▶ **WHAT THE TASK REQUIRES**
Your answer is to be the count alone: the number of lines in the data below where "CompositionType" appears.

▶ **DATA FOR THIS EXERCISE**
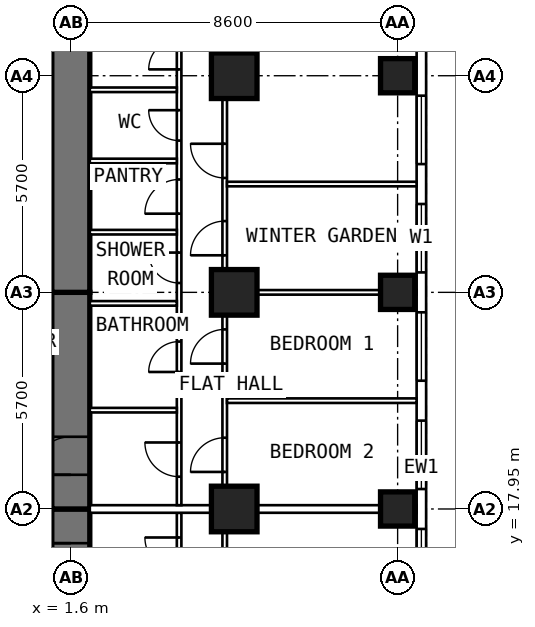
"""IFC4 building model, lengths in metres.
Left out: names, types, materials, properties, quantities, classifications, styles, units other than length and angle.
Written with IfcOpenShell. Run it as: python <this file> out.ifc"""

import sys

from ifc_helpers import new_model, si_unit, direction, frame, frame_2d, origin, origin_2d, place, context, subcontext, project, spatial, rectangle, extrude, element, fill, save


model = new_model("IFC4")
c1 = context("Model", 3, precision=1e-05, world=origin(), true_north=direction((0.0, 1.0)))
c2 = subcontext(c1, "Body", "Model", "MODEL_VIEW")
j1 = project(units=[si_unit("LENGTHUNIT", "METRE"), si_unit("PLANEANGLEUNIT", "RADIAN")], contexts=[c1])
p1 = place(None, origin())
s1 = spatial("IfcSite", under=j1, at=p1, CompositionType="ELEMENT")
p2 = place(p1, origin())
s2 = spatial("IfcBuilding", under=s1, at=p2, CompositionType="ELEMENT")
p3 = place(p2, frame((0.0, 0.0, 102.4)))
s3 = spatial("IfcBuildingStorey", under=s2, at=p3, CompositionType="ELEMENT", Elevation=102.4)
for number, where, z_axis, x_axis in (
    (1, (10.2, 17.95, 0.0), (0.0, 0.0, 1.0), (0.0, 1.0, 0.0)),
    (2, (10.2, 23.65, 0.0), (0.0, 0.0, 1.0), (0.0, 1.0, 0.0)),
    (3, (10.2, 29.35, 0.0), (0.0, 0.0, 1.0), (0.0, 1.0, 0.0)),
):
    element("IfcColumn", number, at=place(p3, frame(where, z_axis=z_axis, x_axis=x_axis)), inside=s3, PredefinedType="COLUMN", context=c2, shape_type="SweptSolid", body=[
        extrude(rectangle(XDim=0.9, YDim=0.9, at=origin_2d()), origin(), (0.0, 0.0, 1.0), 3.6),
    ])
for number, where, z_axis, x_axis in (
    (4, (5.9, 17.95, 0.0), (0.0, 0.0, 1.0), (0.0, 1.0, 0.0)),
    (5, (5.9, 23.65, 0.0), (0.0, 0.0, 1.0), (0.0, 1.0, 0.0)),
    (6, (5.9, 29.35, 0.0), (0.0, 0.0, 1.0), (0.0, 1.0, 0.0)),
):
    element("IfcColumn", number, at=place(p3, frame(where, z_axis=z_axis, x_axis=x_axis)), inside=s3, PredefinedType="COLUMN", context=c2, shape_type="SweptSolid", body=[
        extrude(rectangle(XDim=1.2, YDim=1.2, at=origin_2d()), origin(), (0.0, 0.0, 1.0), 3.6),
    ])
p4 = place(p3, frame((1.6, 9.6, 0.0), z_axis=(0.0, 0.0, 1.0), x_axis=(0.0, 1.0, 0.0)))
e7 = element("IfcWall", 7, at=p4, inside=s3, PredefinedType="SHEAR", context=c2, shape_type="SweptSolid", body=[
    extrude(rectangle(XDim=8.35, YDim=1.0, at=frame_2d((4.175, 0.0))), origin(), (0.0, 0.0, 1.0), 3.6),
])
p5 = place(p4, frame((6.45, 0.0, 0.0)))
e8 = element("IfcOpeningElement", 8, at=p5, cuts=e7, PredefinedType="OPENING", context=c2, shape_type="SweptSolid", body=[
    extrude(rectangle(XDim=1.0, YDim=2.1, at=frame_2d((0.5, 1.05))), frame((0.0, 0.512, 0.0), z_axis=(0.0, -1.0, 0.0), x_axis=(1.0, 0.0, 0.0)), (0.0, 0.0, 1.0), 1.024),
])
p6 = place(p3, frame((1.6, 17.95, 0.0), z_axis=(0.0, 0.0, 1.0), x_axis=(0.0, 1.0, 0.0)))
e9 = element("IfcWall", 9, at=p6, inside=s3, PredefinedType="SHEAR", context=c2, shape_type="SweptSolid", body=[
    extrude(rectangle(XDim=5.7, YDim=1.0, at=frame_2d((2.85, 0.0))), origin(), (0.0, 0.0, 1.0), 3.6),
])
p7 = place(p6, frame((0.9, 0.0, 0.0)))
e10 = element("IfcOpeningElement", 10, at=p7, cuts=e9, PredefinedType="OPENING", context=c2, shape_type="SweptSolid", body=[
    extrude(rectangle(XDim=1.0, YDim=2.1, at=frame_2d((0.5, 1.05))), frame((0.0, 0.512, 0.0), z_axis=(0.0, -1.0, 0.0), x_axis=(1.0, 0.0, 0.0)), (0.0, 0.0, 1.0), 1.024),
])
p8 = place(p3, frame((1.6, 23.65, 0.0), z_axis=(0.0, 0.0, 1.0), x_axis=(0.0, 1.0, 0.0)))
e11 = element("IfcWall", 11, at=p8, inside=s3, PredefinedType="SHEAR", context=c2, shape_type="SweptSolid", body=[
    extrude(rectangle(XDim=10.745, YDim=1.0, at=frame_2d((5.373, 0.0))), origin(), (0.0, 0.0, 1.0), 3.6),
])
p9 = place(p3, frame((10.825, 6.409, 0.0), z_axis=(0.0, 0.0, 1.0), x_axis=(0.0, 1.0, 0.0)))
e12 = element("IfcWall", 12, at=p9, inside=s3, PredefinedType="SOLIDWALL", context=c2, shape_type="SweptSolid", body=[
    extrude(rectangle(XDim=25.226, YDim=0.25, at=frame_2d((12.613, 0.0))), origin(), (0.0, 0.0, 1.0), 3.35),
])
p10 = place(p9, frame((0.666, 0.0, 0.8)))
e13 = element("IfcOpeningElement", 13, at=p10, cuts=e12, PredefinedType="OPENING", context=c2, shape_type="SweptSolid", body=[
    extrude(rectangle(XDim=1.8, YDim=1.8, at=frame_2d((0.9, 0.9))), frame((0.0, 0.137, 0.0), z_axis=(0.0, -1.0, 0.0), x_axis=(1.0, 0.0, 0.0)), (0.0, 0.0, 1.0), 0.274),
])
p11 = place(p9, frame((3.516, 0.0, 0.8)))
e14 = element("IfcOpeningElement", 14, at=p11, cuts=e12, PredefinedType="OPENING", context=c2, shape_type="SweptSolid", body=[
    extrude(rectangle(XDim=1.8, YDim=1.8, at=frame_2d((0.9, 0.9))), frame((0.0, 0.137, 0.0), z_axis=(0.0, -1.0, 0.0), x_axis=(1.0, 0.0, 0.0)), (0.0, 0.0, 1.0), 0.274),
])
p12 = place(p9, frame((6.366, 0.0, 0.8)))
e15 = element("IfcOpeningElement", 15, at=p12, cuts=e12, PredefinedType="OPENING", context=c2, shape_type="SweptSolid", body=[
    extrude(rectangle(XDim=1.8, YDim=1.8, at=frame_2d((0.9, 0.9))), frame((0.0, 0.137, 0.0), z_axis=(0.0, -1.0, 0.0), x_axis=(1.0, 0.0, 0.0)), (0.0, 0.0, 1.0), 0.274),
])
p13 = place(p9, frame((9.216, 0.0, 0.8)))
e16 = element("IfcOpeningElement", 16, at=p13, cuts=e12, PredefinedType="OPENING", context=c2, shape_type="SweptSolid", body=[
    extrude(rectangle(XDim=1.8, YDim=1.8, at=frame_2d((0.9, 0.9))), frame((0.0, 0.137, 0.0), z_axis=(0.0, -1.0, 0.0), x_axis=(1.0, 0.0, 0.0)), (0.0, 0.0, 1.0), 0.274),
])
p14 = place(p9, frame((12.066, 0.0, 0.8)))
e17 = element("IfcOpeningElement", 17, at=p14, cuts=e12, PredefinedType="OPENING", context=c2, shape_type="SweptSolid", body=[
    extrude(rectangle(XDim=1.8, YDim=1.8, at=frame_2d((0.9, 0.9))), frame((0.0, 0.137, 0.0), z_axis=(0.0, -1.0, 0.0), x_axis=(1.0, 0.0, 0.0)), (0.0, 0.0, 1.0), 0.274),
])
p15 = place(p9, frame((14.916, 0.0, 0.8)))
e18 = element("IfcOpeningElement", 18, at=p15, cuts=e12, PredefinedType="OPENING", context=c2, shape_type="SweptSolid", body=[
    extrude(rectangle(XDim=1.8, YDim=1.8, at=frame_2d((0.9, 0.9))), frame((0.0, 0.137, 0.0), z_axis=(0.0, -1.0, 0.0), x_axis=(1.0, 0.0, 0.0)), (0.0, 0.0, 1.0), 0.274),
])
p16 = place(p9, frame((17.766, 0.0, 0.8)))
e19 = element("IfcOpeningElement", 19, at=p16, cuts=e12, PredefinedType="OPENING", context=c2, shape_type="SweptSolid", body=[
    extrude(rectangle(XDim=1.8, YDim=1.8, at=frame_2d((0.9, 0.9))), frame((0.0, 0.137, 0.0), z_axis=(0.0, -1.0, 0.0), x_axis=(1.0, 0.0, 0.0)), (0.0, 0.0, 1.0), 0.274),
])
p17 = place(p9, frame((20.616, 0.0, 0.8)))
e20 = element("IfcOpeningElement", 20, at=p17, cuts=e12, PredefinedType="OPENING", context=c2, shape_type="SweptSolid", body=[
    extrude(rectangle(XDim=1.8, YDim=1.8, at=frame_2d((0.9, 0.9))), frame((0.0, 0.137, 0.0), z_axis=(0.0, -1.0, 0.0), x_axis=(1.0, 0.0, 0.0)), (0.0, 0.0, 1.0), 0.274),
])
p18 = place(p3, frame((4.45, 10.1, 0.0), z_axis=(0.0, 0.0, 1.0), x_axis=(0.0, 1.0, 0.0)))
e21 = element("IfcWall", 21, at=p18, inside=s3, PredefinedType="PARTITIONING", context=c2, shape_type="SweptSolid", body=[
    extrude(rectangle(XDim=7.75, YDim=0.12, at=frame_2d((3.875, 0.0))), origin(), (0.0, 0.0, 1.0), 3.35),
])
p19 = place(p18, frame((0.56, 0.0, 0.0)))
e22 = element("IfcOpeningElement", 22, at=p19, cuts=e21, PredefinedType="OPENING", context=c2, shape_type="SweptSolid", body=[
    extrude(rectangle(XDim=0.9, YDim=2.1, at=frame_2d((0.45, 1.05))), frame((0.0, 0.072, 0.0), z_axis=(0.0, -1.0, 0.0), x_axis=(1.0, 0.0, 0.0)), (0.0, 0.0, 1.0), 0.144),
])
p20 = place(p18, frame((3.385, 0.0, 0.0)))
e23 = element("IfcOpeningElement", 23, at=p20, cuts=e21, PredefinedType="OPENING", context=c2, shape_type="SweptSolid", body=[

▶ **ANSWER BOX**
3